■ WORK REQUIRED
Whenever a line below holds the word "SOLIDWALL", copy that line.

■ DATASET RECORDS

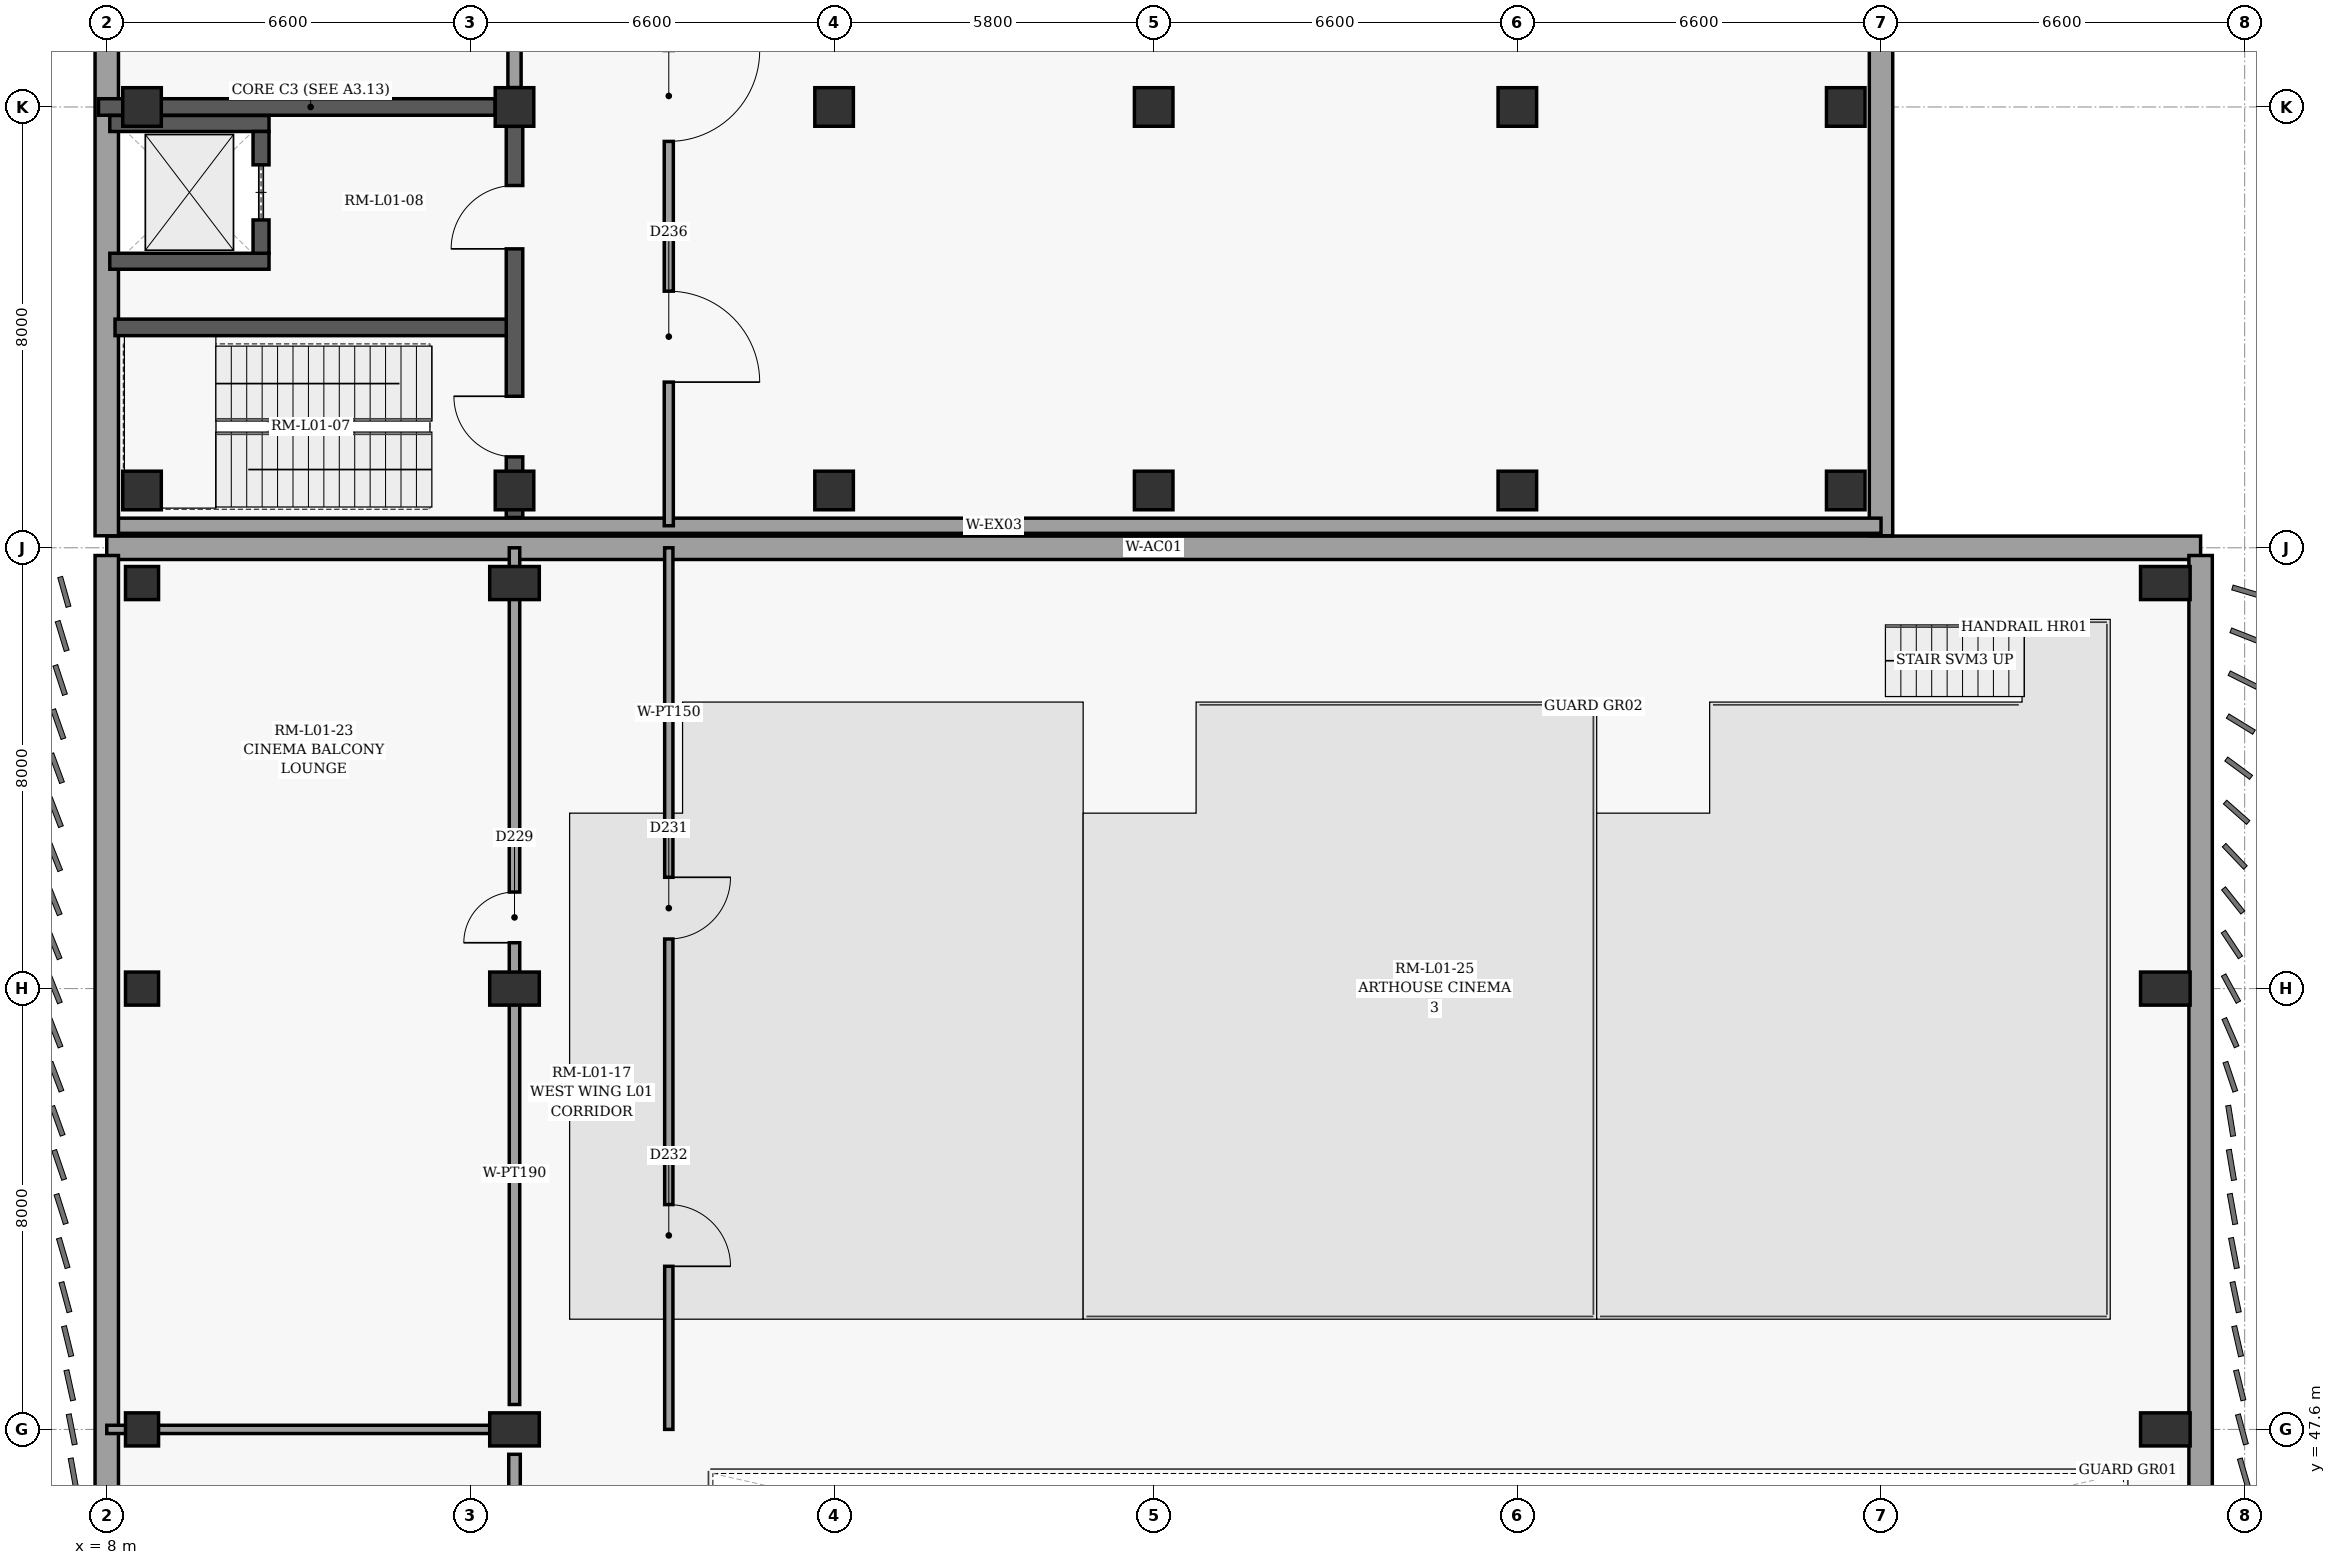
"""IFC4 building model, lengths in metres.
Left out: names, types, materials, properties, quantities, classifications, styles, units other than length and angle.
Written with IfcOpenShell. Run it as: python <this file> out.ifc"""

import sys

from ifc_helpers import new_model, si_unit, direction, frame, frame_2d, origin, origin_2d, place, context, subcontext, project, spatial, rectangle, extrude, element, fill, save


model = new_model("IFC4")
c1 = context("Model", 3, precision=1e-05, world=origin(), true_north=direction((0.0, 1.0)))
c2 = subcontext(c1, "Body", "Model", "MODEL_VIEW")
j1 = project(units=[si_unit("LENGTHUNIT", "METRE"), si_unit("PLANEANGLEUNIT", "RADIAN")], contexts=[c1])
p1 = place(None, origin())
s1 = spatial("IfcSite", under=j1, at=p1, CompositionType="ELEMENT")
p2 = place(p1, origin())
s2 = spatial("IfcBuilding", under=s1, at=p2, CompositionType="ELEMENT")
p3 = place(p2, frame((0.0, 0.0, 5.4)))
s3 = spatial("IfcBuildingStorey", under=s2, at=p3, CompositionType="ELEMENT", Elevation=5.4)
for number, where, z_axis, x_axis in (
    (1, (8.64, 47.6, 0.0), (0.0, 0.0, 1.0), (1.0, 0.0, 0.0)),
    (2, (8.64, 55.6, 0.0), (0.0, 0.0, 1.0), (1.0, 0.0, 0.0)),
    (3, (8.64, 62.96, 0.0), (0.0, 0.0, 1.0), (1.0, 0.0, 0.0)),
):
    element("IfcColumn", number, at=place(p3, frame(where, z_axis=z_axis, x_axis=x_axis)), inside=s3, PredefinedType="COLUMN", context=c2, shape_type="SweptSolid", body=[
        extrude(rectangle(XDim=0.6, YDim=0.6, at=origin_2d()), origin(), (0.0, 0.0, 1.0), 4.8),
    ])
for number, where, z_axis, x_axis in (
    (4, (15.4, 47.6, 0.0), (0.0, 0.0, 1.0), (1.0, 0.0, 0.0)),
    (5, (15.4, 55.6, 0.0), (0.0, 0.0, 1.0), (1.0, 0.0, 0.0)),
    (6, (15.4, 62.96, 0.0), (0.0, 0.0, 1.0), (1.0, 0.0, 0.0)),
    (7, (45.36, 47.6, 0.0), (0.0, 0.0, 1.0), (1.0, 0.0, 0.0)),
    (8, (45.36, 55.6, 0.0), (0.0, 0.0, 1.0), (1.0, 0.0, 0.0)),
    (9, (45.36, 62.96, 0.0), (0.0, 0.0, 1.0), (1.0, 0.0, 0.0)),
):
    element("IfcColumn", number, at=place(p3, frame(where, z_axis=z_axis, x_axis=x_axis)), inside=s3, PredefinedType="COLUMN", context=c2, shape_type="SweptSolid", body=[
        extrude(rectangle(XDim=0.6, YDim=0.9, at=origin_2d()), origin(), (0.0, 0.0, 1.0), 4.8),
    ])
for number, where, z_axis, x_axis in (
    (10, (8.64, 64.64, 0.0), (0.0, 0.0, 1.0), (1.0, 0.0, 0.0)),
    (11, (8.64, 71.6, 0.0), (0.0, 0.0, 1.0), (1.0, 0.0, 0.0)),
    (12, (15.4, 64.64, 0.0), (0.0, 0.0, 1.0), (1.0, 0.0, 0.0)),
    (13, (15.4, 71.6, 0.0), (0.0, 0.0, 1.0), (1.0, 0.0, 0.0)),
    (14, (21.2, 64.64, 0.0), (0.0, 0.0, 1.0), (1.0, 0.0, 0.0)),
    (15, (21.2, 71.6, 0.0), (0.0, 0.0, 1.0), (1.0, 0.0, 0.0)),
    (16, (27.0, 64.64, 0.0), (0.0, 0.0, 1.0), (1.0, 0.0, 0.0)),
    (17, (27.0, 71.6, 0.0), (0.0, 0.0, 1.0), (1.0, 0.0, 0.0)),
    (18, (33.6, 64.64, 0.0), (0.0, 0.0, 1.0), (1.0, 0.0, 0.0)),
    (19, (33.6, 71.6, 0.0), (0.0, 0.0, 1.0), (1.0, 0.0, 0.0)),
    (20, (39.56, 64.64, 0.0), (0.0, 0.0, 1.0), (1.0, 0.0, 0.0)),
    (21, (39.56, 71.6, 0.0), (0.0, 0.0, 1.0), (1.0, 0.0, 0.0)),
):
    element("IfcColumn", number, at=place(p3, frame(where, z_axis=z_axis, x_axis=x_axis)), inside=s3, PredefinedType="COLUMN", context=c2, shape_type="SweptSolid", body=[
        extrude(rectangle(XDim=0.7, YDim=0.7, at=origin_2d()), origin(), (0.0, 0.0, 1.0), 4.8),
    ])
p4 = place(p3, frame((8.0, 63.6, 0.0), z_axis=(0.0, 0.0, 1.0), x_axis=(1.0, 0.0, 0.0)))
e22 = element("IfcWall", 22, at=p4, inside=s3, PredefinedType="SOLIDWALL", context=c2, shape_type="SweptSolid", body=[
    extrude(rectangle(XDim=38.0, YDim=0.425, at=frame_2d((19.0, 0.0))), origin(), (0.0, 0.0, 1.0), 4.52),
])
for number, where, z_axis, x_axis in (
    (23, (46.0, 63.46, 0.0), (0.0, 0.0, 1.0), (0.0, -1.0, 0.0)),
    (24, (8.0, 7.74, 0.0), (0.0, 0.0, 1.0), (0.0, 1.0, 0.0)),
):
    element("IfcWall", number, at=place(p3, frame(where, z_axis=z_axis, x_axis=x_axis)), inside=s3, PredefinedType="SOLIDWALL", context=c2, shape_type="SweptSolid", body=[
        extrude(rectangle(XDim=55.72, YDim=0.425, at=frame_2d((27.86, 0.0))), origin(), (0.0, 0.0, 1.0), 4.52),
    ])
p5 = place(p3, frame((40.2, 93.86, 0.0), z_axis=(0.0, 0.0, 1.0), x_axis=(0.0, -1.0, 0.0)))
e25 = element("IfcWall", 25, at=p5, inside=s3, PredefinedType="SOLIDWALL", context=c2, shape_type="SweptSolid", body=[
    extrude(rectangle(XDim=30.042, YDim=0.425, at=frame_2d((15.021, 0.0))), origin(), (0.0, 0.0, 1.0), 4.475),
])
p6 = place(p3, frame((40.2, 64.0, 0.0), z_axis=(0.0, 0.0, 1.0), x_axis=(-1.0, 0.0, 0.0)))
e26 = element("IfcWall", 26, at=p6, inside=s3, PredefinedType="SOLIDWALL", context=c2, shape_type="SweptSolid", body=[
    extrude(rectangle(XDim=32.2, YDim=0.275, at=frame_2d((16.1, 0.0))), origin(), (0.0, 0.0, 1.0), 3.075),
])
p7 = place(p3, frame((8.0, 63.818, 0.0), z_axis=(0.0, 0.0, 1.0), x_axis=(0.0, 1.0, 0.0)))
e27 = element("IfcWall", 27, at=p7, inside=s3, PredefinedType="SOLIDWALL", context=c2, shape_type="SweptSolid", body=[
    extrude(rectangle(XDim=30.042, YDim=0.425, at=frame_2d((15.021, 0.0))), origin(), (0.0, 0.0, 1.0), 4.475),
])
p8 = place(p3, frame((7.85, 71.6, 0.0), z_axis=(0.0, 0.0, 1.0), x_axis=(1.0, 0.0, 0.0)))
e28 = element("IfcWall", 28, at=p8, inside=s3, PredefinedType="SHEAR", context=c2, shape_type="SweptSolid", body=[
    extrude(rectangle(XDim=7.198, YDim=0.3, at=frame_2d((3.599, 0.0))), origin(), (0.0, 0.0, 1.0), 4.475),
])
p9 = place(p3, frame((15.4, 64.15, 0.0), z_axis=(0.0, 0.0, 1.0), x_axis=(0.0, 1.0, 0.0)))
e29 = element("IfcWall", 29, at=p9, inside=s3, PredefinedType="SHEAR", context=c2, shape_type="SweptSolid", body=[
    extrude(rectangle(XDim=7.098, YDim=0.3, at=frame_2d((3.549, 0.0))), origin(), (0.0, 0.0, 1.0), 4.475),
])
p10 = place(p9, frame((1.1, 0.0, 0.0)))
e30 = element("IfcOpeningElement", 30, at=p10, cuts=e29, PredefinedType="OPENING", context=c2, shape_type="SweptSolid", body=[
    extrude(rectangle(XDim=1.1, YDim=2.15, at=frame_2d((0.55, 1.075))), frame((0.0, 0.16, 0.0), z_axis=(0.0, -1.0, 0.0), x_axis=(1.0, 0.0, 0.0)), (0.0, 0.0, 1.0), 0.32),
])
p11 = place(p9, frame((4.875, 0.0, 0.0)))
e31 = element("IfcOpeningElement", 31, at=p11, cuts=e29, PredefinedType="OPENING", context=c2, shape_type="SweptSolid", body=[
    extrude(rectangle(XDim=1.15, YDim=2.2, at=frame_2d((0.575, 1.1))), frame((0.0, 0.16, 0.0), z_axis=(0.0, -1.0, 0.0), x_axis=(1.0, 0.0, 0.0)), (0.0, 0.0, 1.0), 0.32),
])
p12 = place(p3, frame((8.15, 67.6, 0.0), z_axis=(0.0, 0.0, 1.0), x_axis=(1.0, 0.0, 0.0)))
e32 = element("IfcWall", 32, at=p12, inside=s3, PredefinedType="SHEAR", context=c2, shape_type="SweptSolid", body=[
    extrude(rectangle(XDim=7.1, YDim=0.3, at=frame_2d((3.55, 0.0))), origin(), (0.0, 0.0, 1.0), 4.475),
])
for number, where, z_axis, x_axis in (
    (33, (8.055, 68.8, 0.0), (0.0, 0.0, 1.0), (1.0, 0.0, 0.0)),
    (34, (8.055, 71.3, 0.0), (0.0, 0.0, 1.0), (1.0, 0.0, 0.0)),
):
    element("IfcWall", number, at=place(p3, frame(where, z_axis=z_axis, x_axis=x_axis)), inside=s3, PredefinedType="SHEAR", context=c2, shape_type="SweptSolid", body=[
        extrude(rectangle(XDim=2.89, YDim=0.29, at=frame_2d((1.445, 0.0))), origin(), (0.0, 0.0, 1.0), 4.475),
    ])
p13 = place(p3, frame((10.8, 68.945, 0.0), z_axis=(0.0, 0.0, 1.0), x_axis=(0.0, 1.0, 0.0)))
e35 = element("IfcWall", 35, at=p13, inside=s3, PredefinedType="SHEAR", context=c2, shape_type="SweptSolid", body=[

■ EXERCISE ANSWER
e22 = element("IfcWall", 22, at=p4, inside=s3, PredefinedType="SOLIDWALL", context=c2, shape_type="SweptSolid", body=[
    element("IfcWall", number, at=place(p3, frame(where, z_axis=z_axis, x_axis=x_axis)), inside=s3, PredefinedType="SOLIDWALL", context=c2, shape_type="SweptSolid", body=[
e25 = element("IfcWall", 25, at=p5, inside=s3, PredefinedType="SOLIDWALL", context=c2, shape_type="SweptSolid", body=[
e26 = element("IfcWall", 26, at=p6, inside=s3, PredefinedType="SOLIDWALL", context=c2, shape_type="SweptSolid", body=[
e27 = element("IfcWall", 27, at=p7, inside=s3, PredefinedType="SOLIDWALL", context=c2, shape_type="SweptSolid", body=[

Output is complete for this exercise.